Material to process –
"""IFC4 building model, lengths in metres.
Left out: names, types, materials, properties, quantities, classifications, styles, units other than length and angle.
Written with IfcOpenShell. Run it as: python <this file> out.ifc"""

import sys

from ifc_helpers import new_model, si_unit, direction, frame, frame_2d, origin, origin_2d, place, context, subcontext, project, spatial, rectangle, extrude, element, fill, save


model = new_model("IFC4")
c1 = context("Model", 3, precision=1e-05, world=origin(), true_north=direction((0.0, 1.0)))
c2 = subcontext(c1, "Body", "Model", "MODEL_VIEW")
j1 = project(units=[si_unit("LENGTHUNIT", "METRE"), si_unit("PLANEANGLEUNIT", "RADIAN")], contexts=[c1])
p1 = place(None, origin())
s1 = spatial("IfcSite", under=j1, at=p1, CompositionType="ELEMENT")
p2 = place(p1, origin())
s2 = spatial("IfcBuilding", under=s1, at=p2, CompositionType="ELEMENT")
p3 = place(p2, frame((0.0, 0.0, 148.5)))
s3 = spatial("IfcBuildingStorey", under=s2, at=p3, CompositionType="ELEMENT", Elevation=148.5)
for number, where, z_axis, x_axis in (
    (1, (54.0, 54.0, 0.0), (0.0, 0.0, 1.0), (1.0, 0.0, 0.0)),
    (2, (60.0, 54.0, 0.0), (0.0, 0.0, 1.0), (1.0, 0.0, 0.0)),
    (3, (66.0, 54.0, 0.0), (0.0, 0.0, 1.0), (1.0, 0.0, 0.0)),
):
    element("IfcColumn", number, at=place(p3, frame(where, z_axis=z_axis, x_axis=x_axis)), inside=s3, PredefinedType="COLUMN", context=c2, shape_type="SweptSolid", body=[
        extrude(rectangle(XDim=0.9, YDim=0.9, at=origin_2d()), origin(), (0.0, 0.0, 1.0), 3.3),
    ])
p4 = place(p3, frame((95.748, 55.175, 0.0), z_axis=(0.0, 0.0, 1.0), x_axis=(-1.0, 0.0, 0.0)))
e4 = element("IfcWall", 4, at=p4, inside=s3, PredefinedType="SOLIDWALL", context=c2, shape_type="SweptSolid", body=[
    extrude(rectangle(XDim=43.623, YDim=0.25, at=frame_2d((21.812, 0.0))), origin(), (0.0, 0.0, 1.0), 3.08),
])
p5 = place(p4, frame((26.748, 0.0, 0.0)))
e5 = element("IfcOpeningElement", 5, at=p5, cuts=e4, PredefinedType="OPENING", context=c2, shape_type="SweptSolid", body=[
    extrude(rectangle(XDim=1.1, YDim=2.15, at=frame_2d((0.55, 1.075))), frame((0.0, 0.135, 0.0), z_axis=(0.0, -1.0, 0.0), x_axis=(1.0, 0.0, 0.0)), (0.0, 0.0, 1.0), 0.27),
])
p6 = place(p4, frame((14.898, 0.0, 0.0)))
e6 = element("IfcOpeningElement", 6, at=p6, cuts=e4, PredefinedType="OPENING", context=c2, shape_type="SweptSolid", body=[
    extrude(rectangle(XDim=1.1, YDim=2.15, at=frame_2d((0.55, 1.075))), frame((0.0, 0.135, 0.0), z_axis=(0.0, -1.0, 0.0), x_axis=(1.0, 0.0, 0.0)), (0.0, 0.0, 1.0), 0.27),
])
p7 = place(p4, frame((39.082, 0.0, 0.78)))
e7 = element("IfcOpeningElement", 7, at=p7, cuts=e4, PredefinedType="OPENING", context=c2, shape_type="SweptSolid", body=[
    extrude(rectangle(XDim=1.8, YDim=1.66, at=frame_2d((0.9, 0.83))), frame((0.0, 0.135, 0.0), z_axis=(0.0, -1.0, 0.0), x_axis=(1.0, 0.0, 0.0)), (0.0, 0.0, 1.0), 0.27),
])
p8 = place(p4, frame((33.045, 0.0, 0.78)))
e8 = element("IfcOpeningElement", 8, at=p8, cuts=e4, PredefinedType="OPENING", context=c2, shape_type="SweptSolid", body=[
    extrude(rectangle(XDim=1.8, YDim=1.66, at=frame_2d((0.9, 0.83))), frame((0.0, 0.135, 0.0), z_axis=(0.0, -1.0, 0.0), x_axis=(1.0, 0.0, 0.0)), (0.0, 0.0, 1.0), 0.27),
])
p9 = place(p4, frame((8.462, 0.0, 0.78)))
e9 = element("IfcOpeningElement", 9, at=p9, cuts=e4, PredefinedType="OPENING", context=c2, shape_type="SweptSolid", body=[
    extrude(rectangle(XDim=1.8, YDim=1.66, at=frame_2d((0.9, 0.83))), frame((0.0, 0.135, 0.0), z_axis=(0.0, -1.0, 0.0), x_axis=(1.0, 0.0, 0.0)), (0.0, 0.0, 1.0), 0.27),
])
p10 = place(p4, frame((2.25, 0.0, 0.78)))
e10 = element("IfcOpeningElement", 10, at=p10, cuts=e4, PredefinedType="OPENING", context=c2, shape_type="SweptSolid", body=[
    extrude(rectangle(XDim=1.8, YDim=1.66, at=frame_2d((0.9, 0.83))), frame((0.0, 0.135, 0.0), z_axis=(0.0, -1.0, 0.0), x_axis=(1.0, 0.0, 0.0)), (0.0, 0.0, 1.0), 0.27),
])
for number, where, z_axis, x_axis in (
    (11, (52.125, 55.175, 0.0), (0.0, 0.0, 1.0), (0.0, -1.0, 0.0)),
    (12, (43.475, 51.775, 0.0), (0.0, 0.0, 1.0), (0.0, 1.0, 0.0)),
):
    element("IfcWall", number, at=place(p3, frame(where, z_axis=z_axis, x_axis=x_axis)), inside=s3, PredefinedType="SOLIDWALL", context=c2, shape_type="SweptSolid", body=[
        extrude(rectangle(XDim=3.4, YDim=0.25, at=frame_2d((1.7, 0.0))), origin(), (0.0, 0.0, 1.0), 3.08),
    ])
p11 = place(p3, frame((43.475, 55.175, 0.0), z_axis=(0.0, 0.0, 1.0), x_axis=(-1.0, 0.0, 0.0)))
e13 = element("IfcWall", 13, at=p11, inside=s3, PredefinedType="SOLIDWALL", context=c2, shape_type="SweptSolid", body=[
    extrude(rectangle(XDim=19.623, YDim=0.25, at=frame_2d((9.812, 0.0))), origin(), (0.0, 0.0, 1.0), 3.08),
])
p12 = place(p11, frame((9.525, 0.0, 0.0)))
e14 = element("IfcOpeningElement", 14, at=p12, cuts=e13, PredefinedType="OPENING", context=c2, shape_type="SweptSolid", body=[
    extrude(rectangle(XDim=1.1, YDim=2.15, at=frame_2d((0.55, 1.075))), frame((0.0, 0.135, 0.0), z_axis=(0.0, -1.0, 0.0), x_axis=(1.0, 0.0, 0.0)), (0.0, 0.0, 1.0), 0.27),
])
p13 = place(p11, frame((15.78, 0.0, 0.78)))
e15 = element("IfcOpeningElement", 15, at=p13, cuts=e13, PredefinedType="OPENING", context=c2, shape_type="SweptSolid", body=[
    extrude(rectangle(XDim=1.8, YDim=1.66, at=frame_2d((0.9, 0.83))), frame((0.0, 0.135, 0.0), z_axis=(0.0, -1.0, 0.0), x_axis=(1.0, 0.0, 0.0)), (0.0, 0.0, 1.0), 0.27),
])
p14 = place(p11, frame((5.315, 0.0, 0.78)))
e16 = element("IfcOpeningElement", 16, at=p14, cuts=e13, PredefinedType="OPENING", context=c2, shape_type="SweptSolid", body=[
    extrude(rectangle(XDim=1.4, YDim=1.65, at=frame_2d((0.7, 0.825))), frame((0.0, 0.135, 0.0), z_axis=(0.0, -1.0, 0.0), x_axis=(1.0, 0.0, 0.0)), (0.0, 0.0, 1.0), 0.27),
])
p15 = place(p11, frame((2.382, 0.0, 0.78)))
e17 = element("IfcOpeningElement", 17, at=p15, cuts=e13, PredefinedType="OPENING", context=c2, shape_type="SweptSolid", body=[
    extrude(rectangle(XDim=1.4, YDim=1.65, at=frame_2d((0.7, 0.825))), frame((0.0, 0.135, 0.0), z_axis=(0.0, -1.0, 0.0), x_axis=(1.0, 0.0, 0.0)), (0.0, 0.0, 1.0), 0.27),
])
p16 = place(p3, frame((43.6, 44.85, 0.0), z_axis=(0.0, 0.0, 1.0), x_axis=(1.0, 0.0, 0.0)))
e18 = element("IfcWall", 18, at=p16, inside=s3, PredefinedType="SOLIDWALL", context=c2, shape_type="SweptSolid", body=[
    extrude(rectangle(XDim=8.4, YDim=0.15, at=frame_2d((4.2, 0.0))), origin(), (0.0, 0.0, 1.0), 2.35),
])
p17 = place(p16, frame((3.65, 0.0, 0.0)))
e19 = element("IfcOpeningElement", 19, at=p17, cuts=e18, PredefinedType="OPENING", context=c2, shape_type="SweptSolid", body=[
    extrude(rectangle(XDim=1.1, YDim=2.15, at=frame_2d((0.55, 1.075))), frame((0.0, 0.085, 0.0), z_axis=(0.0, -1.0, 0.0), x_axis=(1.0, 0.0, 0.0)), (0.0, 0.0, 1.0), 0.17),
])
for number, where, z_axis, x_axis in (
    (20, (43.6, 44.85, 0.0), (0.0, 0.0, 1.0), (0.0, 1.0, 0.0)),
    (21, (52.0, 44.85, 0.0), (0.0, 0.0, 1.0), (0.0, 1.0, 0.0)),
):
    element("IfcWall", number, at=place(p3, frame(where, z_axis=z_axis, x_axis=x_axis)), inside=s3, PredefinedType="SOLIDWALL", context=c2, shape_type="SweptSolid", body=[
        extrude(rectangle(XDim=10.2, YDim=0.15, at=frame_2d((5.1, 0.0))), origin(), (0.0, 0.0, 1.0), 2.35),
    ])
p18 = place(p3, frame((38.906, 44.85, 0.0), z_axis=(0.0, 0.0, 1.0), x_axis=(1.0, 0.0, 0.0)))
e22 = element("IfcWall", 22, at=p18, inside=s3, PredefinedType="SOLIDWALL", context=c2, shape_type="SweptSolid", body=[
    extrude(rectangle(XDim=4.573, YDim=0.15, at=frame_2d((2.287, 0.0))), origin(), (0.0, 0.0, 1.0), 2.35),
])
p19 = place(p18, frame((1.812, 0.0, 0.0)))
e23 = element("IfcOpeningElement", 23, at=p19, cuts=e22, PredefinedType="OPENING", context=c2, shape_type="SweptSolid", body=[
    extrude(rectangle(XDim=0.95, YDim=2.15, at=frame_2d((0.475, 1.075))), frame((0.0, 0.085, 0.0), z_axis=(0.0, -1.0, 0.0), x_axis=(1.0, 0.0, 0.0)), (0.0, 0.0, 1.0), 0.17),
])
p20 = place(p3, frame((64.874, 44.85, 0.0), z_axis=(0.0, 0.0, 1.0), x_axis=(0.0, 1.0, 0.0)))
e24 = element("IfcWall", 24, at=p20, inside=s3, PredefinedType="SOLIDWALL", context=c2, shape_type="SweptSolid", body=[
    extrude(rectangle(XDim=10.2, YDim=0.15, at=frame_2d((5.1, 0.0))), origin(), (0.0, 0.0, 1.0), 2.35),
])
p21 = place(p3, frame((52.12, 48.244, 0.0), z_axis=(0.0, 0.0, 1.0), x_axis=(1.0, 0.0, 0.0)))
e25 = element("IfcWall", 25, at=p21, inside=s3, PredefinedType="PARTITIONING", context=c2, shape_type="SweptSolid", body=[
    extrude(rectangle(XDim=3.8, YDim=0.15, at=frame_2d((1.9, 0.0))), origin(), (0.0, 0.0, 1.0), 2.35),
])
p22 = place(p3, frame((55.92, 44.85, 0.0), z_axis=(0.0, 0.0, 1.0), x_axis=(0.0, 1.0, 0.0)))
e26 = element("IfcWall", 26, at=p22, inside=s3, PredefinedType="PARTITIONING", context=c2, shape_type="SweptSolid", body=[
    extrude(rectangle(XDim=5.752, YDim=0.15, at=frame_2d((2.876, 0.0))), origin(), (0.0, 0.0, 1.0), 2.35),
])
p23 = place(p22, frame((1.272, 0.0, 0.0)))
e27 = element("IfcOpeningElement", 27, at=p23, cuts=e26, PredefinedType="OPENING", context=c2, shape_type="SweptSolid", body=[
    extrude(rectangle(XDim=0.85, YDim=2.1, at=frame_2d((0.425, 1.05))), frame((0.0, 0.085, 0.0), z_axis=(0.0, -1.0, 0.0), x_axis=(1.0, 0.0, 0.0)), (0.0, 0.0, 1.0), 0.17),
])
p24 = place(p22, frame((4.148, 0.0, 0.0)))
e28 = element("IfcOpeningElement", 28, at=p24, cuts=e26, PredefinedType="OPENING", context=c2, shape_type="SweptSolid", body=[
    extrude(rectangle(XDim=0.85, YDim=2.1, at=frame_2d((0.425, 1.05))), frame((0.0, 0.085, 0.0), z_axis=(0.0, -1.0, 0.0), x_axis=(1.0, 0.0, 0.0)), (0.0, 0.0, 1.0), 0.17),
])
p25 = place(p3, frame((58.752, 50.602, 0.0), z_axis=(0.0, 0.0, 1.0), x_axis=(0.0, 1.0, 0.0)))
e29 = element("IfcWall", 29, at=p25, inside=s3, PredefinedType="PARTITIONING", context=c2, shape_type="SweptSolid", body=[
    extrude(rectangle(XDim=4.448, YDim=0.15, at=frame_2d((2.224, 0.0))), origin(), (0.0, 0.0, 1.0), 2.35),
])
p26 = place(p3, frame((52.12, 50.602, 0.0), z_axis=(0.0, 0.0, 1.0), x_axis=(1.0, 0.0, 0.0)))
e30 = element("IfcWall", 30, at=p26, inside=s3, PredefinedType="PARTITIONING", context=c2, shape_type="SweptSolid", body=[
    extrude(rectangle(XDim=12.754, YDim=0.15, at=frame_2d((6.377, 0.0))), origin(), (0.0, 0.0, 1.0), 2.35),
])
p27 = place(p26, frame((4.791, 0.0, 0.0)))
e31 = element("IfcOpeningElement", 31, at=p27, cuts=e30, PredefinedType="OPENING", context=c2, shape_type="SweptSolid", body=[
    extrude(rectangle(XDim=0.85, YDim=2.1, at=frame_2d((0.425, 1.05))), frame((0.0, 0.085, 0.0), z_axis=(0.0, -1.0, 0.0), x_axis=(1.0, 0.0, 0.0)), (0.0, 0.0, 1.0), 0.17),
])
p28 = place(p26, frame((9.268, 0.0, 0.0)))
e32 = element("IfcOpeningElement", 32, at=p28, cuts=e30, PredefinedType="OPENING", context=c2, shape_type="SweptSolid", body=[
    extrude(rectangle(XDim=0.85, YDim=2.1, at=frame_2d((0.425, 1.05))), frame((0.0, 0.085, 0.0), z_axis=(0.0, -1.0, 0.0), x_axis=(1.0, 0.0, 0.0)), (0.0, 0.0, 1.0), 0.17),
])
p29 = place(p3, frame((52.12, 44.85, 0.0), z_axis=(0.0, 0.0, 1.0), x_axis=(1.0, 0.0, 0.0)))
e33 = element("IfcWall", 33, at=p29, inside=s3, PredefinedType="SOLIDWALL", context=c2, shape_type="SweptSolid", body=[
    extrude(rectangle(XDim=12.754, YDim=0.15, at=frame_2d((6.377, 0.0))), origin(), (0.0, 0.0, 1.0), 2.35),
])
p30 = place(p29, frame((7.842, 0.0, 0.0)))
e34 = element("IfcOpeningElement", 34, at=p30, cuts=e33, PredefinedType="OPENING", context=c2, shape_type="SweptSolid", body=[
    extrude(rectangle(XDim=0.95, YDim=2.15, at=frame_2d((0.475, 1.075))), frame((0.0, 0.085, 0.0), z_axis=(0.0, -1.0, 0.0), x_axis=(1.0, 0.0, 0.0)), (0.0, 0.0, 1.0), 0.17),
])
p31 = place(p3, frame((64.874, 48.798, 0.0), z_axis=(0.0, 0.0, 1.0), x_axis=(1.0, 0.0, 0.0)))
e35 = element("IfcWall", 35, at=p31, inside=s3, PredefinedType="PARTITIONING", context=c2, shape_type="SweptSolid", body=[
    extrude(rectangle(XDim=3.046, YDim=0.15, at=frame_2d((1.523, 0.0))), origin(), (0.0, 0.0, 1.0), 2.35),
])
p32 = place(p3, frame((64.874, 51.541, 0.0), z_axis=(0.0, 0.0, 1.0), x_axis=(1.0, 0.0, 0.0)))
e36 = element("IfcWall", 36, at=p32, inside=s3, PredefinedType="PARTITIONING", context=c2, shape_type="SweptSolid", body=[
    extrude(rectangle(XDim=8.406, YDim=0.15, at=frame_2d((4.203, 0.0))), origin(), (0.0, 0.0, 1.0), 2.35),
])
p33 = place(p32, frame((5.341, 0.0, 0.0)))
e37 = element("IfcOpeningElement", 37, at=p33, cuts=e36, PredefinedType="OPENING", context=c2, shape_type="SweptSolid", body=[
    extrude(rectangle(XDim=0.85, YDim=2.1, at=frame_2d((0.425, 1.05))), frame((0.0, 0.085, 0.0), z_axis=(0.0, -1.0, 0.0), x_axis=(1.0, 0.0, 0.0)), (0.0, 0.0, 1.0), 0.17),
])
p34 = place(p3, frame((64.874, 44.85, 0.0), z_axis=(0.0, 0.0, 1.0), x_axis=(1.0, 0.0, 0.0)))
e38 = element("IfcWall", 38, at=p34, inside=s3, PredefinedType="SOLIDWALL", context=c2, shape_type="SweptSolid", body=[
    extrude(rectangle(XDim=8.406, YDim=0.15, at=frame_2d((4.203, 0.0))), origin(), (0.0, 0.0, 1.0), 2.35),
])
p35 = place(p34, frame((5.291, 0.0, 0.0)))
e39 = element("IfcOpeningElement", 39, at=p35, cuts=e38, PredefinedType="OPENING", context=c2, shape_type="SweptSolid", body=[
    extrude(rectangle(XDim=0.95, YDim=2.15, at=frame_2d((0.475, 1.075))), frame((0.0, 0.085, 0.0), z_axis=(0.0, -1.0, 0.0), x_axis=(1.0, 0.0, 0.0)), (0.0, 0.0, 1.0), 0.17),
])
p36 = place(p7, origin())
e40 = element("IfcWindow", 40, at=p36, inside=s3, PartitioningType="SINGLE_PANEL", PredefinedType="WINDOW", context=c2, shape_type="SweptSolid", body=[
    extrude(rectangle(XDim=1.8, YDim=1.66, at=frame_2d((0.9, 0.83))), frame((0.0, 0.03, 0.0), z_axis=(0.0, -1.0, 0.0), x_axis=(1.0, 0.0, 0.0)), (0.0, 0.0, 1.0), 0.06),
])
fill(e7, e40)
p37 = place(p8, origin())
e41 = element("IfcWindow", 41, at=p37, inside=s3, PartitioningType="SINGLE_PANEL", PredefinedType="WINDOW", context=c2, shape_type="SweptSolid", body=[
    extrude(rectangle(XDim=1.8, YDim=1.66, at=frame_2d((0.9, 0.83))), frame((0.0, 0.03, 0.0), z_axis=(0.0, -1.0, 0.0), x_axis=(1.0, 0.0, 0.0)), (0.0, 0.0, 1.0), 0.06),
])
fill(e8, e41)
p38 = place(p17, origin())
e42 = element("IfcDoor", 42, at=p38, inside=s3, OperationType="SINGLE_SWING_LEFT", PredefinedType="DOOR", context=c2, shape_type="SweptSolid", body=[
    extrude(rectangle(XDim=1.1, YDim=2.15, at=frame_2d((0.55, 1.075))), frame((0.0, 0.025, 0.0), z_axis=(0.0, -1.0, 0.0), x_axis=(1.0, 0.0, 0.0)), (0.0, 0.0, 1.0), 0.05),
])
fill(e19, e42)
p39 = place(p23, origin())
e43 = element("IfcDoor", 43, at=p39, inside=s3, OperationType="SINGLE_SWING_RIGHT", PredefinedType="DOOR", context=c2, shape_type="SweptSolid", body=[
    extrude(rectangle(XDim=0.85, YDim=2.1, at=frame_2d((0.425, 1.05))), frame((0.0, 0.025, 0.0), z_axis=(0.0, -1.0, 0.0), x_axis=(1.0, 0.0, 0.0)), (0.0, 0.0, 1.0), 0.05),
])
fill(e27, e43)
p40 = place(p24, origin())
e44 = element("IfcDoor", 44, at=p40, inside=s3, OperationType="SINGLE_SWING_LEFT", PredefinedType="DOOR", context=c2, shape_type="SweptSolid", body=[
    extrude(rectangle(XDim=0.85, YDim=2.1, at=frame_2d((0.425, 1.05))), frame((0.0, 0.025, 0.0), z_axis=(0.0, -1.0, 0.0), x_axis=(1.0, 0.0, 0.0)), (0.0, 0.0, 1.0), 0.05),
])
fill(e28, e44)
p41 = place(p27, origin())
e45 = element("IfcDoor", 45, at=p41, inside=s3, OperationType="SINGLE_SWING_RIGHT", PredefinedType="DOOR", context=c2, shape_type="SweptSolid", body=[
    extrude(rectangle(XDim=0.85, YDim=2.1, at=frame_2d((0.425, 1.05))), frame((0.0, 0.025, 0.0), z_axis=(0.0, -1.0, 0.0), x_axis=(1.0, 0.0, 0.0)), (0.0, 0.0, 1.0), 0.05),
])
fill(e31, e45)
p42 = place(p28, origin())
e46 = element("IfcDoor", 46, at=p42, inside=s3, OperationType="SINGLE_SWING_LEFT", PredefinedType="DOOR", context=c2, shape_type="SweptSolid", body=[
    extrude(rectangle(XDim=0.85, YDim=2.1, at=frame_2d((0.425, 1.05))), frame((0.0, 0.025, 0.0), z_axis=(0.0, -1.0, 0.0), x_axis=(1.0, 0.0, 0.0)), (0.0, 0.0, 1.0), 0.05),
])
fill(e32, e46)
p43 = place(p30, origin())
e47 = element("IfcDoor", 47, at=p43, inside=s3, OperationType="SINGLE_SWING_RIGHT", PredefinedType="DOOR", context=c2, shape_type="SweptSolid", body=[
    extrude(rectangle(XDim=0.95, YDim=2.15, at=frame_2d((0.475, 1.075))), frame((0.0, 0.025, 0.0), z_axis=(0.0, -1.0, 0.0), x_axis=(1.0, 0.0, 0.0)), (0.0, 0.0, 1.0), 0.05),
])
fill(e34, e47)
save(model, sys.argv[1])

What is being asked – Reproduce each line in the listing above that mentions the string "subcontext".

Your response –
from ifc_helpers import new_model, si_unit, direction, frame, frame_2d, origin, origin_2d, place, context, subcontext, project, spatial, rectangle, extrude, element, fill, save
c2 = subcontext(c1, "Body", "Model", "MODEL_VIEW")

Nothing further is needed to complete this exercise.